Repeat each entry exactly, but do not carry over the pictures.

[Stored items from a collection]
========

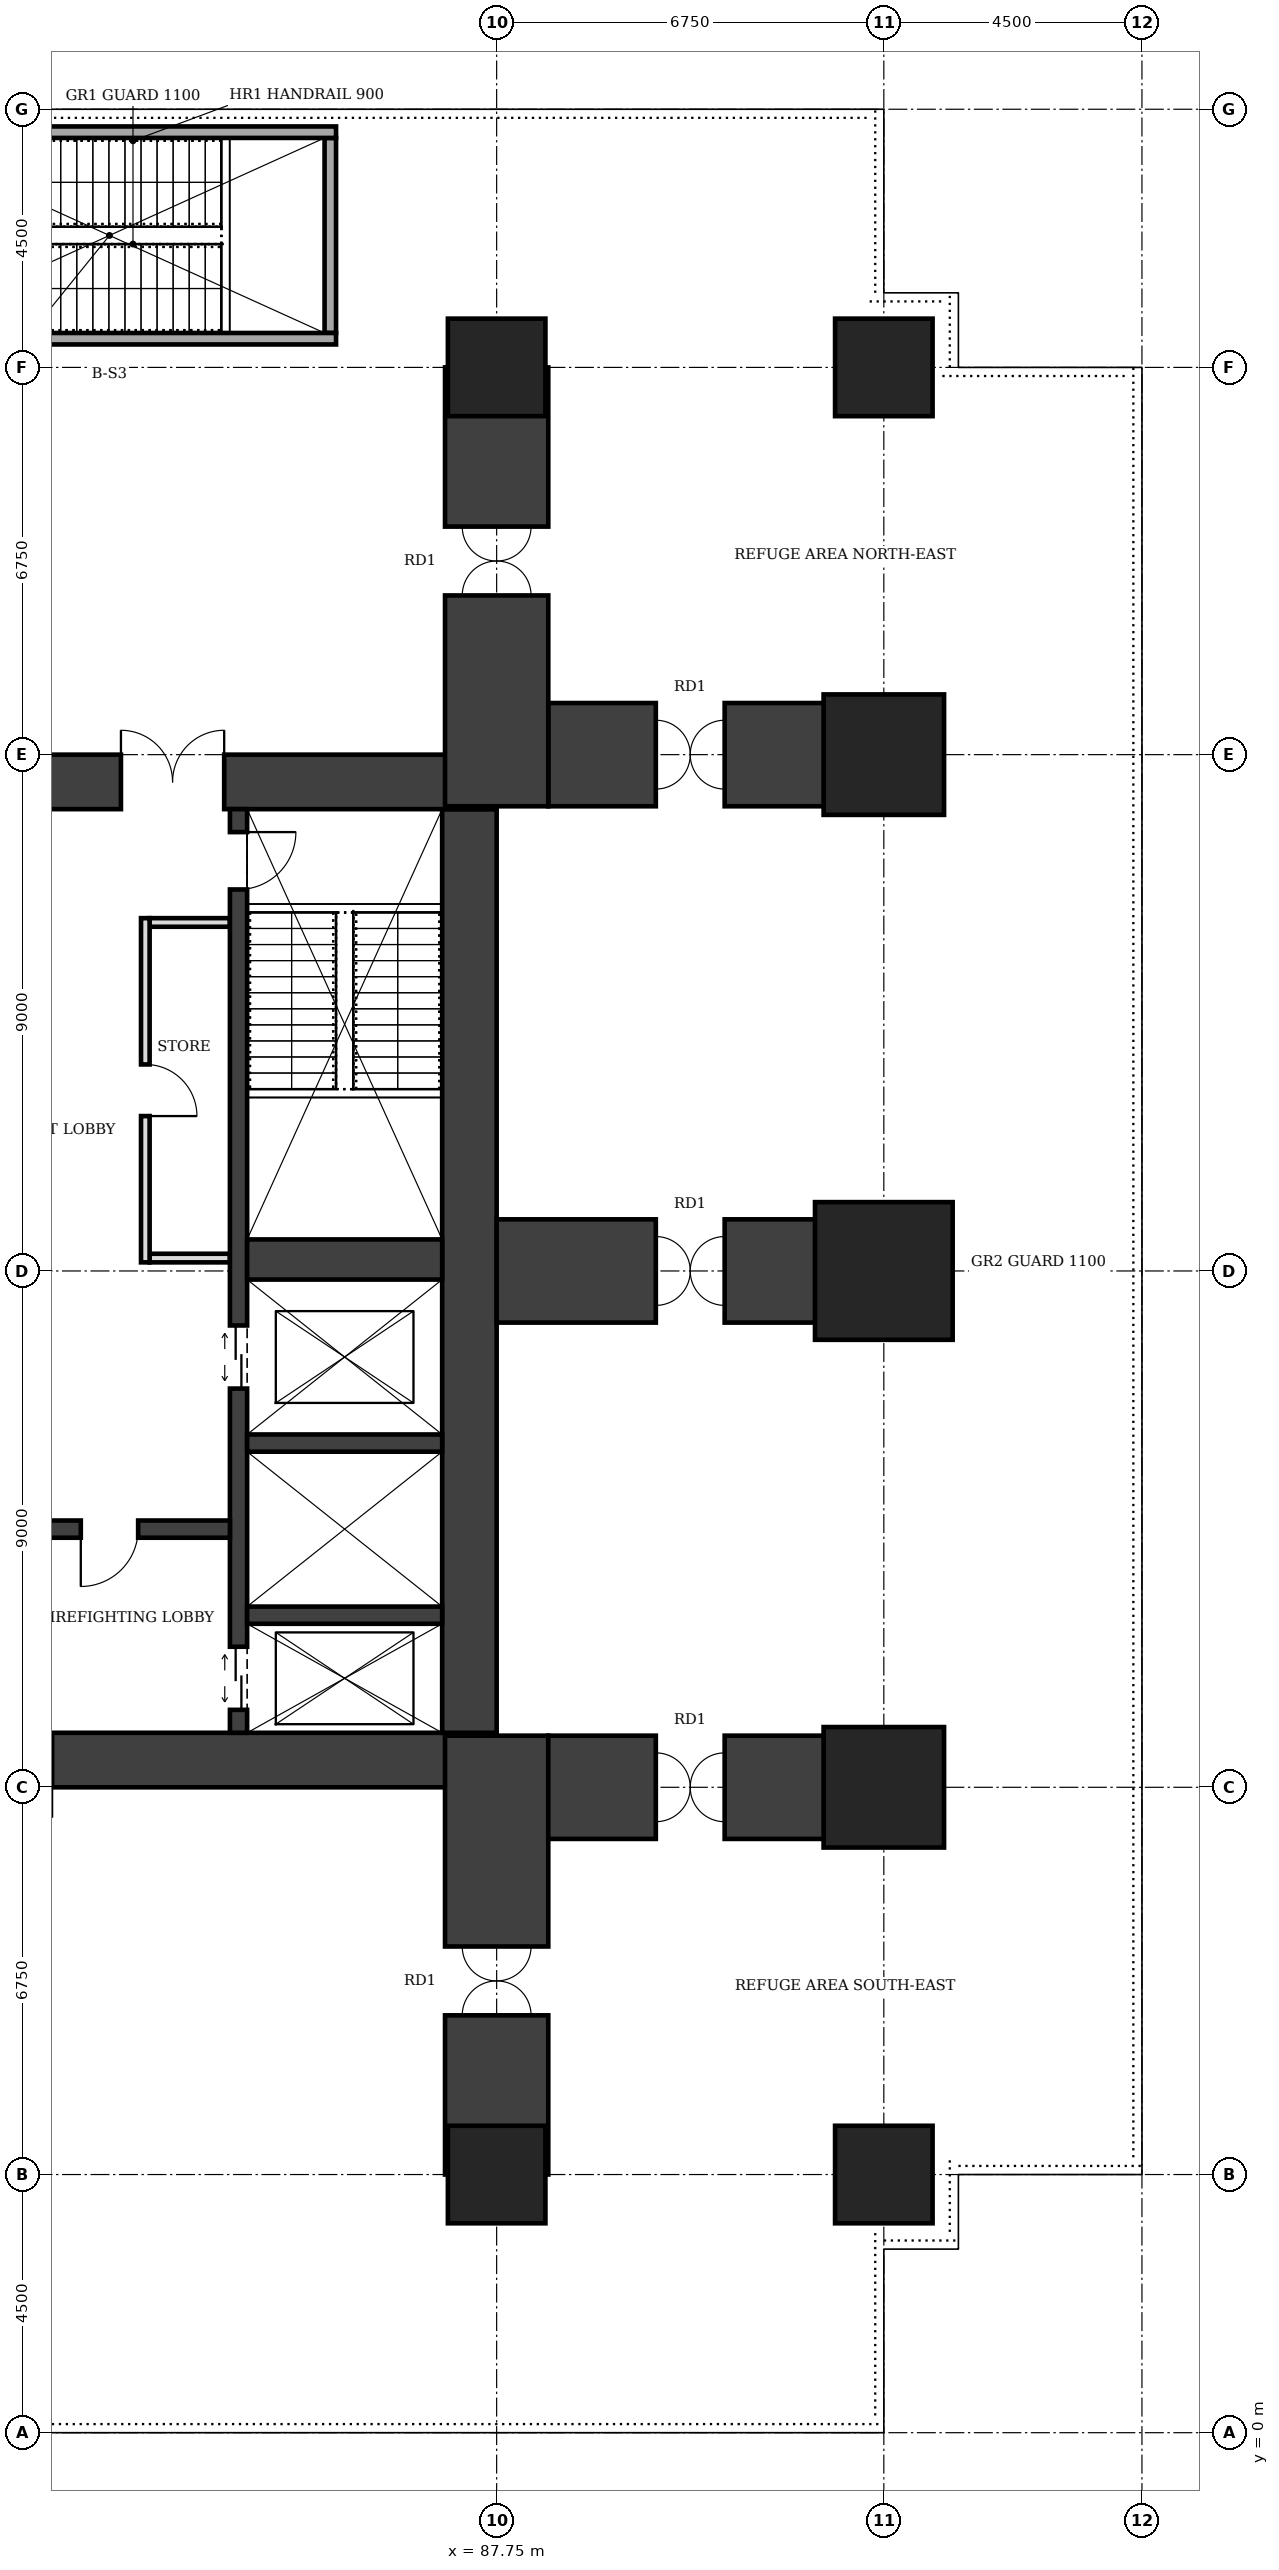
"""IFC4 building model, lengths in metres.
Left out: names, types, materials, properties, quantities, classifications, styles, units other than length and angle.
Written with IfcOpenShell. Run it as: python <this file> out.ifc"""

import sys

from ifc_helpers import new_model, si_unit, direction, frame, frame_2d, origin, origin_2d, place, context, subcontext, project, spatial, rectangle, extrude, element, fill, save


model = new_model("IFC4")
c1 = context("Model", 3, precision=1e-05, world=origin(), true_north=direction((0.0, 1.0)))
c2 = subcontext(c1, "Body", "Model", "MODEL_VIEW")
j1 = project(units=[si_unit("LENGTHUNIT", "METRE"), si_unit("PLANEANGLEUNIT", "RADIAN")], contexts=[c1])
p1 = place(None, origin())
s1 = spatial("IfcSite", under=j1, at=p1, CompositionType="ELEMENT")
p2 = place(p1, origin())
s2 = spatial("IfcBuilding", under=s1, at=p2, CompositionType="ELEMENT")
p3 = place(p2, frame((0.0, 0.0, 77.0)))
s3 = spatial("IfcBuildingStorey", under=s2, at=p3, CompositionType="ELEMENT", Elevation=77.0)
p4 = place(p3, frame((74.25, 11.725, 0.0), z_axis=(0.0, 0.0, 1.0), x_axis=(1.0, 0.0, 0.0)))
e1 = element("IfcWall", 1, at=p4, inside=s3, PredefinedType="SHEAR", context=c2, shape_type="SweptSolid", body=[
    extrude(rectangle(XDim=13.5, YDim=0.95, at=frame_2d((6.75, 0.0))), origin(), (0.0, 0.0, 1.0), 8.0),
])
p5 = place(p4, frame((4.75, 0.0, 0.0)))
e2 = element("IfcOpeningElement", 2, at=p5, cuts=e1, PredefinedType="OPENING", context=c2, shape_type="SweptSolid", body=[
    extrude(rectangle(XDim=1.0, YDim=2.1, at=frame_2d((0.5, 1.05))), frame((0.0, 0.485, 0.0), z_axis=(0.0, -1.0, 0.0), x_axis=(1.0, 0.0, 0.0)), (0.0, 0.0, 1.0), 0.97),
])
p6 = place(p3, frame((87.275, 12.2, 0.0), z_axis=(0.0, 0.0, 1.0), x_axis=(0.0, 1.0, 0.0)))
e3 = element("IfcWall", 3, at=p6, inside=s3, PredefinedType="SHEAR", context=c2, shape_type="SweptSolid", body=[
    extrude(rectangle(XDim=16.1, YDim=0.95, at=frame_2d((8.05, 0.0))), origin(), (0.0, 0.0, 1.0), 8.0),
])
p7 = place(p3, frame((87.75, 28.775, 0.0), z_axis=(0.0, 0.0, 1.0), x_axis=(-1.0, 0.0, 0.0)))
e4 = element("IfcWall", 4, at=p7, inside=s3, PredefinedType="SHEAR", context=c2, shape_type="SweptSolid", body=[
    extrude(rectangle(XDim=13.5, YDim=0.95, at=frame_2d((6.75, 0.0))), origin(), (0.0, 0.0, 1.0), 8.0),
])
p8 = place(p7, frame((4.75, 0.0, 0.0)))
e5 = element("IfcOpeningElement", 5, at=p8, cuts=e4, PredefinedType="OPENING", context=c2, shape_type="SweptSolid", body=[
    extrude(rectangle(XDim=1.8, YDim=2.1, at=frame_2d((0.9, 1.05))), frame((0.0, 0.485, 0.0), z_axis=(0.0, -1.0, 0.0), x_axis=(1.0, 0.0, 0.0)), (0.0, 0.0, 1.0), 0.97),
])
p9 = place(p3, frame((83.25, 12.2, 0.0), z_axis=(0.0, 0.0, 1.0), x_axis=(0.0, 1.0, 0.0)))
e6 = element("IfcWall", 6, at=p9, inside=s3, PredefinedType="SHEAR", context=c2, shape_type="SweptSolid", body=[
    extrude(rectangle(XDim=16.1, YDim=0.3, at=frame_2d((8.05, 0.0))), origin(), (0.0, 0.0, 1.0), 8.0),
])
p10 = place(p9, frame((14.7, 0.0, 0.0)))
e7 = element("IfcOpeningElement", 7, at=p10, cuts=e6, PredefinedType="OPENING", context=c2, shape_type="SweptSolid", body=[
    extrude(rectangle(XDim=1.0, YDim=2.1, at=frame_2d((0.5, 1.05))), frame((0.0, 0.16, 0.0), z_axis=(0.0, -1.0, 0.0), x_axis=(1.0, 0.0, 0.0)), (0.0, 0.0, 1.0), 0.32),
])
p11 = place(p9, frame((0.4, 0.0, 0.0)))
e8 = element("IfcOpeningElement", 8, at=p11, cuts=e6, PredefinedType="OPENING", context=c2, shape_type="SweptSolid", body=[
    extrude(rectangle(XDim=1.1, YDim=2.1, at=frame_2d((0.55, 1.05))), frame((0.0, 0.16, 0.0), z_axis=(0.0, -1.0, 0.0), x_axis=(1.0, 0.0, 0.0)), (0.0, 0.0, 1.0), 0.32),
])
p12 = place(p9, frame((6.0, 0.0, 0.0)))
e9 = element("IfcOpeningElement", 9, at=p12, cuts=e6, PredefinedType="OPENING", context=c2, shape_type="SweptSolid", body=[
    extrude(rectangle(XDim=1.1, YDim=2.1, at=frame_2d((0.55, 1.05))), frame((0.0, 0.16, 0.0), z_axis=(0.0, -1.0, 0.0), x_axis=(1.0, 0.0, 0.0)), (0.0, 0.0, 1.0), 0.32),
])
p13 = place(p3, frame((78.9, 15.75, 0.0), z_axis=(0.0, 0.0, 1.0), x_axis=(1.0, 0.0, 0.0)))
e10 = element("IfcWall", 10, at=p13, inside=s3, PredefinedType="SHEAR", context=c2, shape_type="SweptSolid", body=[
    extrude(rectangle(XDim=4.2, YDim=0.3, at=frame_2d((2.1, 0.0))), origin(), (0.0, 0.0, 1.0), 8.0),
])
p14 = place(p13, frame((1.6, 0.0, 0.0)))
e11 = element("IfcOpeningElement", 11, at=p14, cuts=e10, PredefinedType="OPENING", context=c2, shape_type="SweptSolid", body=[
    extrude(rectangle(XDim=1.0, YDim=2.1, at=frame_2d((0.5, 1.05))), frame((0.0, 0.16, 0.0), z_axis=(0.0, -1.0, 0.0), x_axis=(1.0, 0.0, 0.0)), (0.0, 0.0, 1.0), 0.32),
])
for number, where, z_axis, x_axis in (
    (12, (83.4, 14.25, 0.0), (0.0, 0.0, 1.0), (1.0, 0.0, 0.0)),
    (13, (83.4, 17.25, 0.0), (0.0, 0.0, 1.0), (1.0, 0.0, 0.0)),
):
    element("IfcWall", number, at=place(p3, frame(where, z_axis=z_axis, x_axis=x_axis)), inside=s3, PredefinedType="SHEAR", context=c2, shape_type="SweptSolid", body=[
        extrude(rectangle(XDim=3.4, YDim=0.3, at=frame_2d((1.7, 0.0))), origin(), (0.0, 0.0, 1.0), 8.0),
    ])
p15 = place(p3, frame((83.4, 20.45, 0.0), z_axis=(0.0, 0.0, 1.0), x_axis=(1.0, 0.0, 0.0)))
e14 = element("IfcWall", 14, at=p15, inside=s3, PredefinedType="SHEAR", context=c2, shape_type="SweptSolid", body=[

========

- [The answer]:
"""IFC4 building model, lengths in metres.
Left out: names, types, materials, properties, quantities, classifications, styles, units other than length and angle.
Written with IfcOpenShell. Run it as: python <this file> out.ifc"""

import sys

from ifc_helpers import new_model, si_unit, direction, frame, frame_2d, origin, origin_2d, place, context, subcontext, project, spatial, rectangle, extrude, element, fill, save


model = new_model("IFC4")
c1 = context("Model", 3, precision=1e-05, world=origin(), true_north=direction((0.0, 1.0)))
c2 = subcontext(c1, "Body", "Model", "MODEL_VIEW")
j1 = project(units=[si_unit("LENGTHUNIT", "METRE"), si_unit("PLANEANGLEUNIT", "RADIAN")], contexts=[c1])
p1 = place(None, origin())
s1 = spatial("IfcSite", under=j1, at=p1, CompositionType="ELEMENT")
p2 = place(p1, origin())
s2 = spatial("IfcBuilding", under=s1, at=p2, CompositionType="ELEMENT")
p3 = place(p2, frame((0.0, 0.0, 77.0)))
s3 = spatial("IfcBuildingStorey", under=s2, at=p3, CompositionType="ELEMENT", Elevation=77.0)
p4 = place(p3, frame((74.25, 11.725, 0.0), z_axis=(0.0, 0.0, 1.0), x_axis=(1.0, 0.0, 0.0)))
e1 = element("IfcWall", 1, at=p4, inside=s3, PredefinedType="SHEAR", context=c2, shape_type="SweptSolid", body=[
    extrude(rectangle(XDim=13.5, YDim=0.95, at=frame_2d((6.75, 0.0))), origin(), (0.0, 0.0, 1.0), 8.0),
])
p5 = place(p4, frame((4.75, 0.0, 0.0)))
e2 = element("IfcOpeningElement", 2, at=p5, cuts=e1, PredefinedType="OPENING", context=c2, shape_type="SweptSolid", body=[
    extrude(rectangle(XDim=1.0, YDim=2.1, at=frame_2d((0.5, 1.05))), frame((0.0, 0.485, 0.0), z_axis=(0.0, -1.0, 0.0), x_axis=(1.0, 0.0, 0.0)), (0.0, 0.0, 1.0), 0.97),
])
p6 = place(p3, frame((87.275, 12.2, 0.0), z_axis=(0.0, 0.0, 1.0), x_axis=(0.0, 1.0, 0.0)))
e3 = element("IfcWall", 3, at=p6, inside=s3, PredefinedType="SHEAR", context=c2, shape_type="SweptSolid", body=[
    extrude(rectangle(XDim=16.1, YDim=0.95, at=frame_2d((8.05, 0.0))), origin(), (0.0, 0.0, 1.0), 8.0),
])
p7 = place(p3, frame((87.75, 28.775, 0.0), z_axis=(0.0, 0.0, 1.0), x_axis=(-1.0, 0.0, 0.0)))
e4 = element("IfcWall", 4, at=p7, inside=s3, PredefinedType="SHEAR", context=c2, shape_type="SweptSolid", body=[
    extrude(rectangle(XDim=13.5, YDim=0.95, at=frame_2d((6.75, 0.0))), origin(), (0.0, 0.0, 1.0), 8.0),
])
p8 = place(p7, frame((4.75, 0.0, 0.0)))
e5 = element("IfcOpeningElement", 5, at=p8, cuts=e4, PredefinedType="OPENING", context=c2, shape_type="SweptSolid", body=[
    extrude(rectangle(XDim=1.8, YDim=2.1, at=frame_2d((0.9, 1.05))), frame((0.0, 0.485, 0.0), z_axis=(0.0, -1.0, 0.0), x_axis=(1.0, 0.0, 0.0)), (0.0, 0.0, 1.0), 0.97),
])
p9 = place(p3, frame((83.25, 12.2, 0.0), z_axis=(0.0, 0.0, 1.0), x_axis=(0.0, 1.0, 0.0)))
e6 = element("IfcWall", 6, at=p9, inside=s3, PredefinedType="SHEAR", context=c2, shape_type="SweptSolid", body=[
    extrude(rectangle(XDim=16.1, YDim=0.3, at=frame_2d((8.05, 0.0))), origin(), (0.0, 0.0, 1.0), 8.0),
])
p10 = place(p9, frame((14.7, 0.0, 0.0)))
e7 = element("IfcOpeningElement", 7, at=p10, cuts=e6, PredefinedType="OPENING", context=c2, shape_type="SweptSolid", body=[
    extrude(rectangle(XDim=1.0, YDim=2.1, at=frame_2d((0.5, 1.05))), frame((0.0, 0.16, 0.0), z_axis=(0.0, -1.0, 0.0), x_axis=(1.0, 0.0, 0.0)), (0.0, 0.0, 1.0), 0.32),
])
p11 = place(p9, frame((0.4, 0.0, 0.0)))
e8 = element("IfcOpeningElement", 8, at=p11, cuts=e6, PredefinedType="OPENING", context=c2, shape_type="SweptSolid", body=[
    extrude(rectangle(XDim=1.1, YDim=2.1, at=frame_2d((0.55, 1.05))), frame((0.0, 0.16, 0.0), z_axis=(0.0, -1.0, 0.0), x_axis=(1.0, 0.0, 0.0)), (0.0, 0.0, 1.0), 0.32),
])
p12 = place(p9, frame((6.0, 0.0, 0.0)))
e9 = element("IfcOpeningElement", 9, at=p12, cuts=e6, PredefinedType="OPENING", context=c2, shape_type="SweptSolid", body=[
    extrude(rectangle(XDim=1.1, YDim=2.1, at=frame_2d((0.55, 1.05))), frame((0.0, 0.16, 0.0), z_axis=(0.0, -1.0, 0.0), x_axis=(1.0, 0.0, 0.0)), (0.0, 0.0, 1.0), 0.32),
])
p13 = place(p3, frame((78.9, 15.75, 0.0), z_axis=(0.0, 0.0, 1.0), x_axis=(1.0, 0.0, 0.0)))
e10 = element("IfcWall", 10, at=p13, inside=s3, PredefinedType="SHEAR", context=c2, shape_type="SweptSolid", body=[
    extrude(rectangle(XDim=4.2, YDim=0.3, at=frame_2d((2.1, 0.0))), origin(), (0.0, 0.0, 1.0), 8.0),
])
p14 = place(p13, frame((1.6, 0.0, 0.0)))
e11 = element("IfcOpeningElement", 11, at=p14, cuts=e10, PredefinedType="OPENING", context=c2, shape_type="SweptSolid", body=[
    extrude(rectangle(XDim=1.0, YDim=2.1, at=frame_2d((0.5, 1.05))), frame((0.0, 0.16, 0.0), z_axis=(0.0, -1.0, 0.0), x_axis=(1.0, 0.0, 0.0)), (0.0, 0.0, 1.0), 0.32),
])
for number, where, z_axis, x_axis in (
    (12, (83.4, 14.25, 0.0), (0.0, 0.0, 1.0), (1.0, 0.0, 0.0)),
    (13, (83.4, 17.25, 0.0), (0.0, 0.0, 1.0), (1.0, 0.0, 0.0)),
):
    element("IfcWall", number, at=place(p3, frame(where, z_axis=z_axis, x_axis=x_axis)), inside=s3, PredefinedType="SHEAR", context=c2, shape_type="SweptSolid", body=[
        extrude(rectangle(XDim=3.4, YDim=0.3, at=frame_2d((1.7, 0.0))), origin(), (0.0, 0.0, 1.0), 8.0),
    ])
p15 = place(p3, frame((83.4, 20.45, 0.0), z_axis=(0.0, 0.0, 1.0), x_axis=(1.0, 0.0, 0.0)))
e14 = element("IfcWall", 14, at=p15, inside=s3, PredefinedType="SHEAR", context=c2, shape_type="SweptSolid", body=[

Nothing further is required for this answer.